» **HOW TO COMPLETE THIS TASK**
Restate the records that follow word for word; no pictures should appear.
[[ MATERIALS PROVIDED, beginning ]]
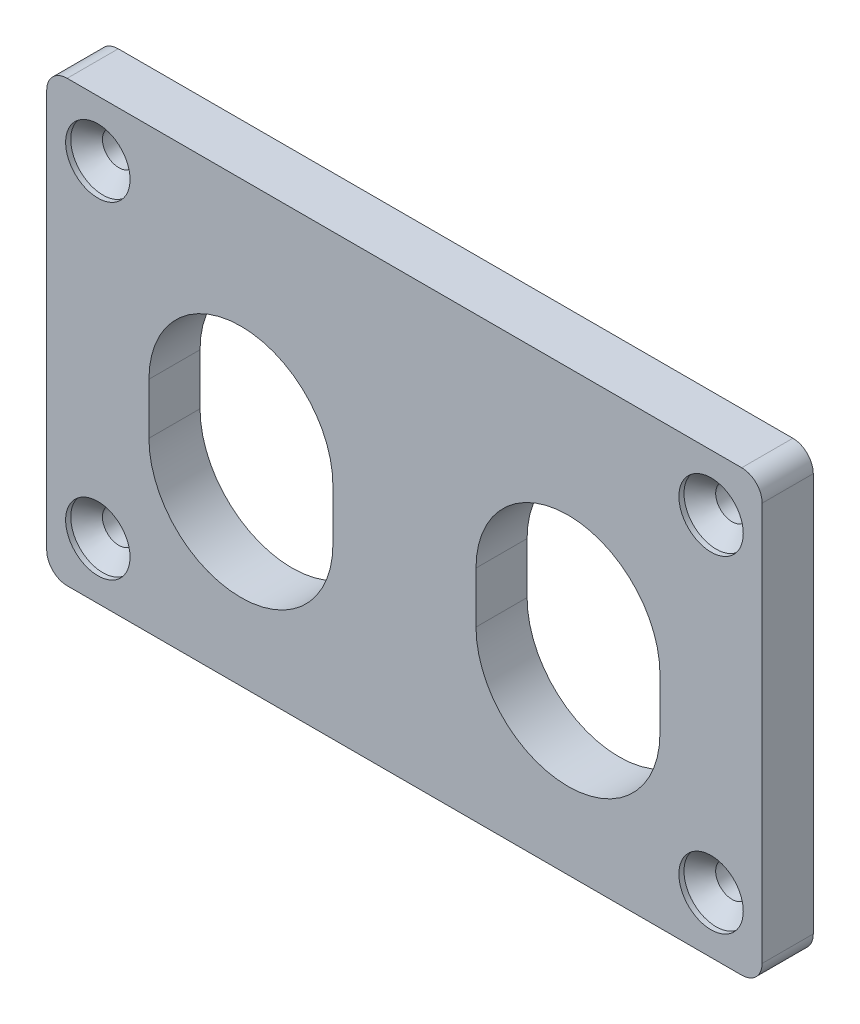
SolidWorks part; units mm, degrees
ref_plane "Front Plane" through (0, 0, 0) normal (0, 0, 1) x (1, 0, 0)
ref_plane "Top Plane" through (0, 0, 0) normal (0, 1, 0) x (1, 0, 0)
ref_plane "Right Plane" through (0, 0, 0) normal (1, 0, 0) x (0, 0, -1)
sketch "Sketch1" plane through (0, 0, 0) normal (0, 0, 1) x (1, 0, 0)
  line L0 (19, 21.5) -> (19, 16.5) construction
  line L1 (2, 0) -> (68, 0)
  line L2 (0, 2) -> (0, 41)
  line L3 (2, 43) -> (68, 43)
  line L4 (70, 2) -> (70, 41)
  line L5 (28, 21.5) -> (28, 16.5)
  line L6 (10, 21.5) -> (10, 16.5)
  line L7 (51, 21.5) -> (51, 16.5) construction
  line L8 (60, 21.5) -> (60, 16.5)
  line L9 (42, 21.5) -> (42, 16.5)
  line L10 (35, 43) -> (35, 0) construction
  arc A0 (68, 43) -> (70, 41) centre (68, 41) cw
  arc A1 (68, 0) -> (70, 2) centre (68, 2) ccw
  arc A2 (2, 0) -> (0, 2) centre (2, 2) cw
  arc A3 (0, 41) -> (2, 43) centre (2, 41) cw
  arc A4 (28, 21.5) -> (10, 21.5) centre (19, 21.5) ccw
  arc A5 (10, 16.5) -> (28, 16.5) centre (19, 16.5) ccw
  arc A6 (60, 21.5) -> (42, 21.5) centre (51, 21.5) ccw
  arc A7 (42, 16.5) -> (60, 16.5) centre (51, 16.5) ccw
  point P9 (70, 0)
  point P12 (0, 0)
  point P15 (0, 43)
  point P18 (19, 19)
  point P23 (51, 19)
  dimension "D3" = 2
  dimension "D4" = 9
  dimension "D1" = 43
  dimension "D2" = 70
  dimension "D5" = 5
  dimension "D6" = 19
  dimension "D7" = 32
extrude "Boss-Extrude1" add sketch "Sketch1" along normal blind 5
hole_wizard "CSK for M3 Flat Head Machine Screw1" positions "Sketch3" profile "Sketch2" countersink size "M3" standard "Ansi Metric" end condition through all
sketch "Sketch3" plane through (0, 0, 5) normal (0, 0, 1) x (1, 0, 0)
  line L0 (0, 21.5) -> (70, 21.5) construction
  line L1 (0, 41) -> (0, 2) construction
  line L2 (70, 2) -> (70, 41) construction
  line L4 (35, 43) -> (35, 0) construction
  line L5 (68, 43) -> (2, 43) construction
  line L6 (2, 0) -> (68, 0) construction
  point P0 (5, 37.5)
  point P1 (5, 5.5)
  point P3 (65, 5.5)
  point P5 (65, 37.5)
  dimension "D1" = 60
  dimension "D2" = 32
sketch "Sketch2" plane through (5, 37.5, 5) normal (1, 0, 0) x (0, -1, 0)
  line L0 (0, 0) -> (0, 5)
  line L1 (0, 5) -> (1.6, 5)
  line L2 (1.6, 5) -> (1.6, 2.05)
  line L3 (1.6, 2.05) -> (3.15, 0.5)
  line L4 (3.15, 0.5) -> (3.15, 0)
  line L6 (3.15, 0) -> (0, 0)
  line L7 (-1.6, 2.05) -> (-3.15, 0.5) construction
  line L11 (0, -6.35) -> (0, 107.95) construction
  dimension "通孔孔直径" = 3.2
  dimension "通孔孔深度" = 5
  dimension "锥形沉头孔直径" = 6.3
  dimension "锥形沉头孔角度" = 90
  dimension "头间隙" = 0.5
[[ MATERIALS PROVIDED, end ]]
» **EXERCISE RESPONSE**
SolidWorks part; units mm, degrees
ref_plane "Front Plane" through (0, 0, 0) normal (0, 0, 1) x (1, 0, 0)
ref_plane "Top Plane" through (0, 0, 0) normal (0, 1, 0) x (1, 0, 0)
ref_plane "Right Plane" through (0, 0, 0) normal (1, 0, 0) x (0, 0, -1)
sketch "Sketch1" plane through (0, 0, 0) normal (0, 0, 1) x (1, 0, 0)
  line L0 (19, 21.5) -> (19, 16.5) construction
  line L1 (2, 0) -> (68, 0)
  line L2 (0, 2) -> (0, 41)
  line L3 (2, 43) -> (68, 43)
  line L4 (70, 2) -> (70, 41)
  line L5 (28, 21.5) -> (28, 16.5)
  line L6 (10, 21.5) -> (10, 16.5)
  line L7 (51, 21.5) -> (51, 16.5) construction
  line L8 (60, 21.5) -> (60, 16.5)
  line L9 (42, 21.5) -> (42, 16.5)
  line L10 (35, 43) -> (35, 0) construction
  arc A0 (68, 43) -> (70, 41) centre (68, 41) cw
  arc A1 (68, 0) -> (70, 2) centre (68, 2) ccw
  arc A2 (2, 0) -> (0, 2) centre (2, 2) cw
  arc A3 (0, 41) -> (2, 43) centre (2, 41) cw
  arc A4 (28, 21.5) -> (10, 21.5) centre (19, 21.5) ccw
  arc A5 (10, 16.5) -> (28, 16.5) centre (19, 16.5) ccw
  arc A6 (60, 21.5) -> (42, 21.5) centre (51, 21.5) ccw
  arc A7 (42, 16.5) -> (60, 16.5) centre (51, 16.5) ccw
  point P9 (70, 0)
  point P12 (0, 0)
  point P15 (0, 43)
  point P18 (19, 19)
  point P23 (51, 19)
  dimension "D3" = 2
  dimension "D4" = 9
  dimension "D1" = 43
  dimension "D2" = 70
  dimension "D5" = 5
  dimension "D6" = 19
  dimension "D7" = 32
extrude "Boss-Extrude1" add sketch "Sketch1" along normal blind 5
hole_wizard "CSK for M3 Flat Head Machine Screw1" positions "Sketch3" profile "Sketch2" countersink size "M3" standard "Ansi Metric" end condition through all
sketch "Sketch3" plane through (0, 0, 5) normal (0, 0, 1) x (1, 0, 0)
  line L0 (0, 21.5) -> (70, 21.5) construction
  line L1 (0, 41) -> (0, 2) construction
  line L2 (70, 2) -> (70, 41) construction
  line L4 (35, 43) -> (35, 0) construction
  line L5 (68, 43) -> (2, 43) construction
  line L6 (2, 0) -> (68, 0) construction
  point P0 (5, 37.5)
  point P1 (5, 5.5)
  point P3 (65, 5.5)
  point P5 (65, 37.5)
  dimension "D1" = 60
  dimension "D2" = 32
sketch "Sketch2" plane through (5, 37.5, 5) normal (1, 0, 0) x (0, -1, 0)
  line L0 (0, 0) -> (0, 5)
  line L1 (0, 5) -> (1.6, 5)
  line L2 (1.6, 5) -> (1.6, 2.05)
  line L3 (1.6, 2.05) -> (3.15, 0.5)
  line L4 (3.15, 0.5) -> (3.15, 0)
  line L6 (3.15, 0) -> (0, 0)
  line L7 (-1.6, 2.05) -> (-3.15, 0.5) construction
  line L11 (0, -6.35) -> (0, 107.95) construction
  dimension "通孔孔直径" = 3.2
  dimension "通孔孔深度" = 5
  dimension "锥形沉头孔直径" = 6.3
  dimension "锥形沉头孔角度" = 90
  dimension "头间隙" = 0.5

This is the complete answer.